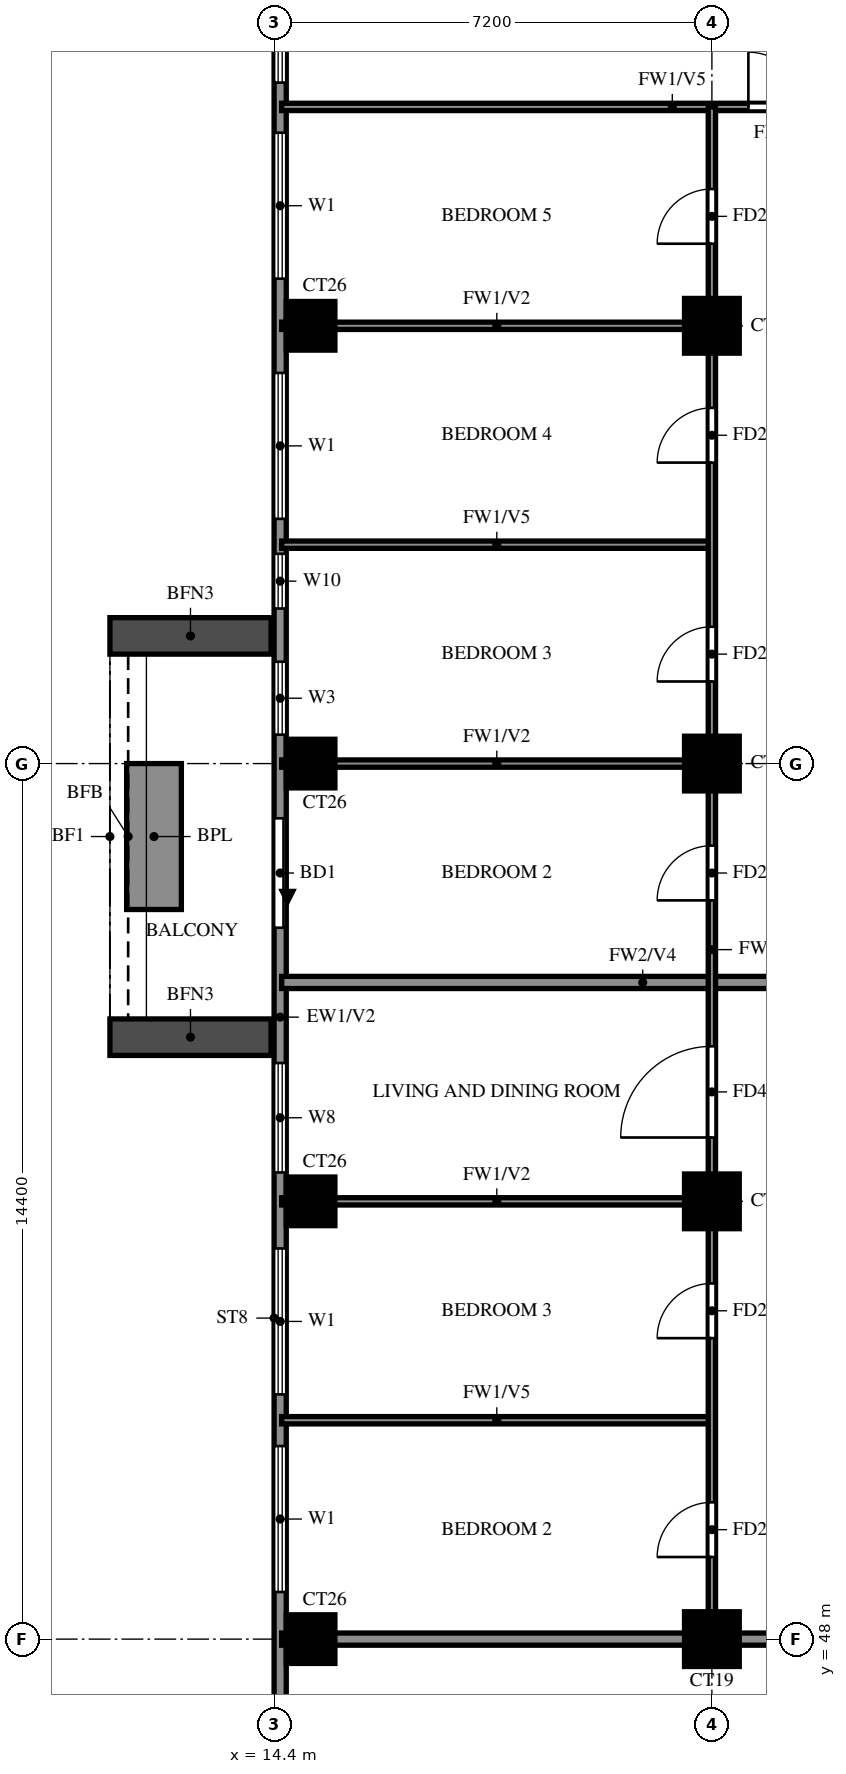
"""IFC4 building model, lengths in metres.
Left out: names, types, materials, properties, quantities, classifications, styles, units other than length and angle.
Written with IfcOpenShell. Run it as: python <this file> out.ifc"""

import sys

from ifc_helpers import new_model, si_unit, direction, frame, frame_2d, origin, origin_2d, place, context, subcontext, project, spatial, rectangle, extrude, source, transform, mapped, element, fill, save


model = new_model("IFC4")
c1 = context("Model", 3, precision=1e-05, world=origin(), true_north=direction((0.0, 1.0)))
c2 = subcontext(c1, "Body", "Model", "MODEL_VIEW")
j1 = project(units=[si_unit("LENGTHUNIT", "METRE"), si_unit("PLANEANGLEUNIT", "RADIAN")], contexts=[c1])
p1 = place(None, origin())
s1 = spatial("IfcSite", under=j1, at=p1, CompositionType="ELEMENT")
p2 = place(p1, origin())
s2 = spatial("IfcBuilding", under=s1, at=p2, CompositionType="ELEMENT")
p3 = place(p2, frame((0.0, 0.0, 188.5)))
s3 = spatial("IfcBuildingStorey", under=s2, at=p3, CompositionType="ELEMENT", Elevation=188.5)
m1 = source(origin(), c2, "Body", "SweptSolid", [
    extrude(rectangle(XDim=0.8, YDim=0.8, at=origin_2d()), origin(), (0.0, 0.0, 1.0), 3.2),
])
p4 = place(p3, frame((15.0, 48.0, 0.0), z_axis=(0.0, 0.0, 1.0), x_axis=(1.0, 0.0, 0.0)))
e1 = element("IfcColumn", 1, at=p4, inside=s3, PredefinedType="COLUMN", context=c2, shape_type="MappedRepresentation", body=[
    mapped(m1, transform((0.0, 0.0, 0.0))),
])
m2 = source(origin(), c2, "Body", "SweptSolid", [
    extrude(rectangle(XDim=0.9, YDim=0.9, at=origin_2d()), origin(), (0.0, 0.0, 1.0), 3.2),
])
p5 = place(p3, frame((21.6, 48.0, 0.0), z_axis=(0.0, 0.0, 1.0), x_axis=(1.0, 0.0, 0.0)))
e2 = element("IfcColumn", 2, at=p5, inside=s3, PredefinedType="COLUMN", context=c2, shape_type="MappedRepresentation", body=[
    mapped(m2, transform((0.0, 0.0, 0.0))),
])
p6 = place(p3, frame((15.0, 55.2, 0.0), z_axis=(0.0, 0.0, 1.0), x_axis=(1.0, 0.0, 0.0)))
e3 = element("IfcColumn", 3, at=p6, inside=s3, PredefinedType="COLUMN", context=c2, shape_type="MappedRepresentation", body=[
    mapped(m1, transform((0.0, 0.0, 0.0))),
])
p7 = place(p3, frame((21.6, 55.2, 0.0), z_axis=(0.0, 0.0, 1.0), x_axis=(1.0, 0.0, 0.0)))
e4 = element("IfcColumn", 4, at=p7, inside=s3, PredefinedType="COLUMN", context=c2, shape_type="MappedRepresentation", body=[
    mapped(m2, transform((0.0, 0.0, 0.0))),
])
p8 = place(p3, frame((15.0, 62.4, 0.0), z_axis=(0.0, 0.0, 1.0), x_axis=(1.0, 0.0, 0.0)))
e5 = element("IfcColumn", 5, at=p8, inside=s3, PredefinedType="COLUMN", context=c2, shape_type="MappedRepresentation", body=[
    mapped(m1, transform((0.0, 0.0, 0.0))),
])
p9 = place(p3, frame((21.6, 62.4, 0.0), z_axis=(0.0, 0.0, 1.0), x_axis=(1.0, 0.0, 0.0)))
e6 = element("IfcColumn", 6, at=p9, inside=s3, PredefinedType="COLUMN", context=c2, shape_type="MappedRepresentation", body=[
    mapped(m2, transform((0.0, 0.0, 0.0))),
])
p10 = place(p3, frame((15.0, 69.6, 0.0), z_axis=(0.0, 0.0, 1.0), x_axis=(1.0, 0.0, 0.0)))
e7 = element("IfcColumn", 7, at=p10, inside=s3, PredefinedType="COLUMN", context=c2, shape_type="MappedRepresentation", body=[
    mapped(m1, transform((0.0, 0.0, 0.0))),
])
p11 = place(p3, frame((21.6, 69.6, 0.0), z_axis=(0.0, 0.0, 1.0), x_axis=(1.0, 0.0, 0.0)))
e8 = element("IfcColumn", 8, at=p11, inside=s3, PredefinedType="COLUMN", context=c2, shape_type="MappedRepresentation", body=[
    mapped(m2, transform((0.0, 0.0, 0.0))),
])
p12 = place(p3, frame((14.5, 76.6, 0.0), z_axis=(0.0, 0.0, 1.0), x_axis=(0.0, -1.0, 0.0)))
e9 = element("IfcWall", 9, at=p12, inside=s3, PredefinedType="SOLIDWALL", context=c2, shape_type="SweptSolid", body=[
    extrude(rectangle(XDim=33.4, YDim=0.2, at=frame_2d((16.7, 0.0))), origin(), (0.0, 0.0, 1.0), 3.2),
])
p13 = place(p12, frame((15.1, 0.0, 0.0)))
e10 = element("IfcOpeningElement", 10, at=p13, cuts=e9, PredefinedType="OPENING", context=c2, shape_type="SweptSolid", body=[
    extrude(rectangle(XDim=1.8, YDim=2.4, at=frame_2d((0.9, 1.2))), frame((0.0, 0.11, 0.0), z_axis=(0.0, -1.0, 0.0), x_axis=(1.0, 0.0, 0.0)), (0.0, 0.0, 1.0), 0.22),
])
p14 = place(p12, frame((29.875, 0.0, 0.6)))
e11 = element("IfcOpeningElement", 11, at=p14, cuts=e9, PredefinedType="OPENING", context=c2, shape_type="SweptSolid", body=[
    extrude(rectangle(XDim=2.4, YDim=2.4, at=frame_2d((1.2, 1.2))), frame((0.0, 0.11, 0.0), z_axis=(0.0, -1.0, 0.0), x_axis=(1.0, 0.0, 0.0)), (0.0, 0.0, 1.0), 0.22),
])
p15 = place(p12, frame((25.425, 0.0, 0.6)))
e12 = element("IfcOpeningElement", 12, at=p15, cuts=e9, PredefinedType="OPENING", context=c2, shape_type="SweptSolid", body=[
    extrude(rectangle(XDim=2.4, YDim=2.4, at=frame_2d((1.2, 1.2))), frame((0.0, 0.11, 0.0), z_axis=(0.0, -1.0, 0.0), x_axis=(1.0, 0.0, 0.0)), (0.0, 0.0, 1.0), 0.22),
])
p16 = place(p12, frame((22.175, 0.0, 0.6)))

▬▬▬

§ **Required work**:
Could you give the material above again, exactly and without its pictures?

§ **Task solution**:
"""IFC4 building model, lengths in metres.
Left out: names, types, materials, properties, quantities, classifications, styles, units other than length and angle.
Written with IfcOpenShell. Run it as: python <this file> out.ifc"""

import sys

from ifc_helpers import new_model, si_unit, direction, frame, frame_2d, origin, origin_2d, place, context, subcontext, project, spatial, rectangle, extrude, source, transform, mapped, element, fill, save


model = new_model("IFC4")
c1 = context("Model", 3, precision=1e-05, world=origin(), true_north=direction((0.0, 1.0)))
c2 = subcontext(c1, "Body", "Model", "MODEL_VIEW")
j1 = project(units=[si_unit("LENGTHUNIT", "METRE"), si_unit("PLANEANGLEUNIT", "RADIAN")], contexts=[c1])
p1 = place(None, origin())
s1 = spatial("IfcSite", under=j1, at=p1, CompositionType="ELEMENT")
p2 = place(p1, origin())
s2 = spatial("IfcBuilding", under=s1, at=p2, CompositionType="ELEMENT")
p3 = place(p2, frame((0.0, 0.0, 188.5)))
s3 = spatial("IfcBuildingStorey", under=s2, at=p3, CompositionType="ELEMENT", Elevation=188.5)
m1 = source(origin(), c2, "Body", "SweptSolid", [
    extrude(rectangle(XDim=0.8, YDim=0.8, at=origin_2d()), origin(), (0.0, 0.0, 1.0), 3.2),
])
p4 = place(p3, frame((15.0, 48.0, 0.0), z_axis=(0.0, 0.0, 1.0), x_axis=(1.0, 0.0, 0.0)))
e1 = element("IfcColumn", 1, at=p4, inside=s3, PredefinedType="COLUMN", context=c2, shape_type="MappedRepresentation", body=[
    mapped(m1, transform((0.0, 0.0, 0.0))),
])
m2 = source(origin(), c2, "Body", "SweptSolid", [
    extrude(rectangle(XDim=0.9, YDim=0.9, at=origin_2d()), origin(), (0.0, 0.0, 1.0), 3.2),
])
p5 = place(p3, frame((21.6, 48.0, 0.0), z_axis=(0.0, 0.0, 1.0), x_axis=(1.0, 0.0, 0.0)))
e2 = element("IfcColumn", 2, at=p5, inside=s3, PredefinedType="COLUMN", context=c2, shape_type="MappedRepresentation", body=[
    mapped(m2, transform((0.0, 0.0, 0.0))),
])
p6 = place(p3, frame((15.0, 55.2, 0.0), z_axis=(0.0, 0.0, 1.0), x_axis=(1.0, 0.0, 0.0)))
e3 = element("IfcColumn", 3, at=p6, inside=s3, PredefinedType="COLUMN", context=c2, shape_type="MappedRepresentation", body=[
    mapped(m1, transform((0.0, 0.0, 0.0))),
])
p7 = place(p3, frame((21.6, 55.2, 0.0), z_axis=(0.0, 0.0, 1.0), x_axis=(1.0, 0.0, 0.0)))
e4 = element("IfcColumn", 4, at=p7, inside=s3, PredefinedType="COLUMN", context=c2, shape_type="MappedRepresentation", body=[
    mapped(m2, transform((0.0, 0.0, 0.0))),
])
p8 = place(p3, frame((15.0, 62.4, 0.0), z_axis=(0.0, 0.0, 1.0), x_axis=(1.0, 0.0, 0.0)))
e5 = element("IfcColumn", 5, at=p8, inside=s3, PredefinedType="COLUMN", context=c2, shape_type="MappedRepresentation", body=[
    mapped(m1, transform((0.0, 0.0, 0.0))),
])
p9 = place(p3, frame((21.6, 62.4, 0.0), z_axis=(0.0, 0.0, 1.0), x_axis=(1.0, 0.0, 0.0)))
e6 = element("IfcColumn", 6, at=p9, inside=s3, PredefinedType="COLUMN", context=c2, shape_type="MappedRepresentation", body=[
    mapped(m2, transform((0.0, 0.0, 0.0))),
])
p10 = place(p3, frame((15.0, 69.6, 0.0), z_axis=(0.0, 0.0, 1.0), x_axis=(1.0, 0.0, 0.0)))
e7 = element("IfcColumn", 7, at=p10, inside=s3, PredefinedType="COLUMN", context=c2, shape_type="MappedRepresentation", body=[
    mapped(m1, transform((0.0, 0.0, 0.0))),
])
p11 = place(p3, frame((21.6, 69.6, 0.0), z_axis=(0.0, 0.0, 1.0), x_axis=(1.0, 0.0, 0.0)))
e8 = element("IfcColumn", 8, at=p11, inside=s3, PredefinedType="COLUMN", context=c2, shape_type="MappedRepresentation", body=[
    mapped(m2, transform((0.0, 0.0, 0.0))),
])
p12 = place(p3, frame((14.5, 76.6, 0.0), z_axis=(0.0, 0.0, 1.0), x_axis=(0.0, -1.0, 0.0)))
e9 = element("IfcWall", 9, at=p12, inside=s3, PredefinedType="SOLIDWALL", context=c2, shape_type="SweptSolid", body=[
    extrude(rectangle(XDim=33.4, YDim=0.2, at=frame_2d((16.7, 0.0))), origin(), (0.0, 0.0, 1.0), 3.2),
])
p13 = place(p12, frame((15.1, 0.0, 0.0)))
e10 = element("IfcOpeningElement", 10, at=p13, cuts=e9, PredefinedType="OPENING", context=c2, shape_type="SweptSolid", body=[
    extrude(rectangle(XDim=1.8, YDim=2.4, at=frame_2d((0.9, 1.2))), frame((0.0, 0.11, 0.0), z_axis=(0.0, -1.0, 0.0), x_axis=(1.0, 0.0, 0.0)), (0.0, 0.0, 1.0), 0.22),
])
p14 = place(p12, frame((29.875, 0.0, 0.6)))
e11 = element("IfcOpeningElement", 11, at=p14, cuts=e9, PredefinedType="OPENING", context=c2, shape_type="SweptSolid", body=[
    extrude(rectangle(XDim=2.4, YDim=2.4, at=frame_2d((1.2, 1.2))), frame((0.0, 0.11, 0.0), z_axis=(0.0, -1.0, 0.0), x_axis=(1.0, 0.0, 0.0)), (0.0, 0.0, 1.0), 0.22),
])
p15 = place(p12, frame((25.425, 0.0, 0.6)))
e12 = element("IfcOpeningElement", 12, at=p15, cuts=e9, PredefinedType="OPENING", context=c2, shape_type="SweptSolid", body=[
    extrude(rectangle(XDim=2.4, YDim=2.4, at=frame_2d((1.2, 1.2))), frame((0.0, 0.11, 0.0), z_axis=(0.0, -1.0, 0.0), x_axis=(1.0, 0.0, 0.0)), (0.0, 0.0, 1.0), 0.22),
])
p16 = place(p12, frame((22.175, 0.0, 0.6)))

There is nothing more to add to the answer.